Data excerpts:
*** Begin section ***

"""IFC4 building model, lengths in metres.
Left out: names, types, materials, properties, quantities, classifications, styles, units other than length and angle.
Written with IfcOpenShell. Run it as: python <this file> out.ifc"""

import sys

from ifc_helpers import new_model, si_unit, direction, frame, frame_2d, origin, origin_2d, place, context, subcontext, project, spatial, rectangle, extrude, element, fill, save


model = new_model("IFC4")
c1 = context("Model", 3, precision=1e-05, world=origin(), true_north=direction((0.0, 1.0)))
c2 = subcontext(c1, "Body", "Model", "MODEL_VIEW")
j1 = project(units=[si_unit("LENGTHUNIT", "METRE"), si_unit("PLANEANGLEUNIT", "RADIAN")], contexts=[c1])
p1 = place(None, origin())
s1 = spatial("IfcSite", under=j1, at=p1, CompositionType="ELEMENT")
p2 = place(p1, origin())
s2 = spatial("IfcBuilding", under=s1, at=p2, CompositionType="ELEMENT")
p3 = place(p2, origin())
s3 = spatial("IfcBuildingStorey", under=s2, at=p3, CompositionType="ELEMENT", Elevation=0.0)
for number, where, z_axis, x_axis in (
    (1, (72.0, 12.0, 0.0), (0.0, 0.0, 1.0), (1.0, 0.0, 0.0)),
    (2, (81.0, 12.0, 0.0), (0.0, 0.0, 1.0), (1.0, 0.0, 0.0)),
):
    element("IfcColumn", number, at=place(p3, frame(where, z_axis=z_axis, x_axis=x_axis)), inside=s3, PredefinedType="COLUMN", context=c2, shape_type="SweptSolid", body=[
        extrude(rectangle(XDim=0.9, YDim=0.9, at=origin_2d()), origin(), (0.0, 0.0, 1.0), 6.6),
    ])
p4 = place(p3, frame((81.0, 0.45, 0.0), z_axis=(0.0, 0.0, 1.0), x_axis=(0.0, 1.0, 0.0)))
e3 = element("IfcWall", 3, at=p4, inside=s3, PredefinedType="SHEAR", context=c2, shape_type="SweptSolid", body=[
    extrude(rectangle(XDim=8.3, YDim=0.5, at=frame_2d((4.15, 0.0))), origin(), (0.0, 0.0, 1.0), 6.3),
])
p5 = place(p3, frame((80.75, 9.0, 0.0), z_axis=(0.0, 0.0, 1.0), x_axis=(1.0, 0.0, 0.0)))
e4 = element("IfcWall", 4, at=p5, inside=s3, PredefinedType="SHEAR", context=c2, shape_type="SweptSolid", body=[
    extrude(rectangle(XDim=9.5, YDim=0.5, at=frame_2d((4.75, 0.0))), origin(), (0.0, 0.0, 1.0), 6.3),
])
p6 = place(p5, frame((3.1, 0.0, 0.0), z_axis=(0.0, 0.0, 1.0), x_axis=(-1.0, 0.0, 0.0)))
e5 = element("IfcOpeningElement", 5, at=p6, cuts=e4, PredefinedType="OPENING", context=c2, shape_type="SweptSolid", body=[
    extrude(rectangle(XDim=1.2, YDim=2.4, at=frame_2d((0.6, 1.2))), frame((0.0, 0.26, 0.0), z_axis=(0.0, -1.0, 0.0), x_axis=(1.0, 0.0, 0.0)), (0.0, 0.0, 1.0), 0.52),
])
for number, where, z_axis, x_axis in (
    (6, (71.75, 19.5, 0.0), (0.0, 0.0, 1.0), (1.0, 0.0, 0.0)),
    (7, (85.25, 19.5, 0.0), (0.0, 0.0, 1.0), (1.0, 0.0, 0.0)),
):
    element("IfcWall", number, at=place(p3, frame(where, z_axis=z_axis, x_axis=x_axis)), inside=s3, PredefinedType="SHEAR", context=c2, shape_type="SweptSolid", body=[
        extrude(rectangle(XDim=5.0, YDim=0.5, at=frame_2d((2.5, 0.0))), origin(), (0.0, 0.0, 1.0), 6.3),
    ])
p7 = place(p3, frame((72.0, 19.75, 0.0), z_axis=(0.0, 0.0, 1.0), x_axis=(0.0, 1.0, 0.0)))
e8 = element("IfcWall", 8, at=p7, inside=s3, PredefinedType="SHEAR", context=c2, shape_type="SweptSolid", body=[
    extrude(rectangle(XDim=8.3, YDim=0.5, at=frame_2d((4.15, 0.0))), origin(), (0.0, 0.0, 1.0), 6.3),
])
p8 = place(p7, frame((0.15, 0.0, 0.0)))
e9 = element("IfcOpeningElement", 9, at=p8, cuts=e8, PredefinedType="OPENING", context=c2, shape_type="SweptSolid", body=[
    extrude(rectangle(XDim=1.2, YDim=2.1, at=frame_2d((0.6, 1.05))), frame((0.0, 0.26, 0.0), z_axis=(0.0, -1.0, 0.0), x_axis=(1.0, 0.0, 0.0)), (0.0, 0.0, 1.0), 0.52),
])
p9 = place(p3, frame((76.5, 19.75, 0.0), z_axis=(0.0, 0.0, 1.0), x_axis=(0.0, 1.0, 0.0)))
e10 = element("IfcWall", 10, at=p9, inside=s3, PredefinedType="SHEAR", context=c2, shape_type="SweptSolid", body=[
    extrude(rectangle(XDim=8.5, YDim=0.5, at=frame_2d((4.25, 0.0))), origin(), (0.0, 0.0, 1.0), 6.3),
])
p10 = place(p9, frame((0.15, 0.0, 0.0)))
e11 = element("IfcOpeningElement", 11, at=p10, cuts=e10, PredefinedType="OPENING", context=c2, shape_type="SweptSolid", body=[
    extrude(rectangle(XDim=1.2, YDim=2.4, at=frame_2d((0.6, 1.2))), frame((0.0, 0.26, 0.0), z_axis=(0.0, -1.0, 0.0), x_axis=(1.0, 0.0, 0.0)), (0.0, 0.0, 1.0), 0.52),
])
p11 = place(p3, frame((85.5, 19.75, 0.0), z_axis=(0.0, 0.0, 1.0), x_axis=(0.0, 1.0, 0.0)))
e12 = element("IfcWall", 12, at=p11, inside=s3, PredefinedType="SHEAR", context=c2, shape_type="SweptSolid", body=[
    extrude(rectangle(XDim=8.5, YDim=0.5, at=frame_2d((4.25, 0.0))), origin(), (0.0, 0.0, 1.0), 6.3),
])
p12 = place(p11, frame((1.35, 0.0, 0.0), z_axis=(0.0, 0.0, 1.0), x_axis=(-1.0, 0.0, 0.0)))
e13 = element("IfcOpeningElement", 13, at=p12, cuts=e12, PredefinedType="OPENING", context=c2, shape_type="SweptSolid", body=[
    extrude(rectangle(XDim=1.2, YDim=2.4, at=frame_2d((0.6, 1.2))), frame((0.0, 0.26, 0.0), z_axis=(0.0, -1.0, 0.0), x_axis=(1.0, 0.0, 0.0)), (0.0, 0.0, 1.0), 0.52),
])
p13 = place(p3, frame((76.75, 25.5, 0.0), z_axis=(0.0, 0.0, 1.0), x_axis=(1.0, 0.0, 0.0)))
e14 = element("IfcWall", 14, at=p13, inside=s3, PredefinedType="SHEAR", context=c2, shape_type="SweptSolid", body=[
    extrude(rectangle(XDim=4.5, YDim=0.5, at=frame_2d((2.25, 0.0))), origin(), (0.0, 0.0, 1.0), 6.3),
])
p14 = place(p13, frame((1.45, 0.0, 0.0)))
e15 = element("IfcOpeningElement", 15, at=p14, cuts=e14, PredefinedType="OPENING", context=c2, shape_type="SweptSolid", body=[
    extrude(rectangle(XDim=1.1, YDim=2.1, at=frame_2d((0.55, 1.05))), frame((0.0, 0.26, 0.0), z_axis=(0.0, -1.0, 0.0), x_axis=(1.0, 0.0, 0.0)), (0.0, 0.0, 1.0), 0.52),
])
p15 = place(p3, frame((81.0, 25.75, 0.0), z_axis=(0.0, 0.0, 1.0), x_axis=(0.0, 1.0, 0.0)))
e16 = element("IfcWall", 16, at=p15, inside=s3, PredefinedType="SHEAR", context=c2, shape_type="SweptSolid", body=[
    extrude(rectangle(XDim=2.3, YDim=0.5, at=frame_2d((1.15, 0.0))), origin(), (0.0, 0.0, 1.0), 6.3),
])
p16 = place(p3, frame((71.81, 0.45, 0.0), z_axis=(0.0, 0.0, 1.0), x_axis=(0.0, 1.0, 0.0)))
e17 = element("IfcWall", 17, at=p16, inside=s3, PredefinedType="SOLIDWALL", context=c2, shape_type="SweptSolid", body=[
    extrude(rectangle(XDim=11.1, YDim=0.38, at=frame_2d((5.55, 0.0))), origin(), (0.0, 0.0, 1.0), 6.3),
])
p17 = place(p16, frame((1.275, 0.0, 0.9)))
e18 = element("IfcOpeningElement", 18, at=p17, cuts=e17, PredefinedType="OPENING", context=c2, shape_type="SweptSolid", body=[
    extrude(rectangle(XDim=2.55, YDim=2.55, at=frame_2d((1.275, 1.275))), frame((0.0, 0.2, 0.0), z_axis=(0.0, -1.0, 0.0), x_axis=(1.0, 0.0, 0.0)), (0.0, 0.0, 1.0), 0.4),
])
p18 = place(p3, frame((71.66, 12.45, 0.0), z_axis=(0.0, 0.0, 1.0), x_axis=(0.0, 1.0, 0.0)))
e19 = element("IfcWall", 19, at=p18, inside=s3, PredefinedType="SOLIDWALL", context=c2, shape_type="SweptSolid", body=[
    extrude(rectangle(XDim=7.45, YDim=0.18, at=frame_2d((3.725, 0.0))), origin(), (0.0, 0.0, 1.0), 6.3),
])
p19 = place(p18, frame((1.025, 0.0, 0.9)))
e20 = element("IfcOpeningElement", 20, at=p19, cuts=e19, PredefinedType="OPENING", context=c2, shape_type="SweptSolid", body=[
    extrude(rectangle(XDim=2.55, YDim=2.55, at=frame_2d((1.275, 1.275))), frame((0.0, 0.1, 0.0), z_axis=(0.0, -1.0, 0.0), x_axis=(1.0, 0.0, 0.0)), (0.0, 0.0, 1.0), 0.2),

*** End section ***

Out of the preceding entries, pull each line that contains the word "CompositionType".

s1 = spatial("IfcSite", under=j1, at=p1, CompositionType="ELEMENT")
s2 = spatial("IfcBuilding", under=s1, at=p2, CompositionType="ELEMENT")
s3 = spatial("IfcBuildingStorey", under=s2, at=p3, CompositionType="ELEMENT", Elevation=0.0)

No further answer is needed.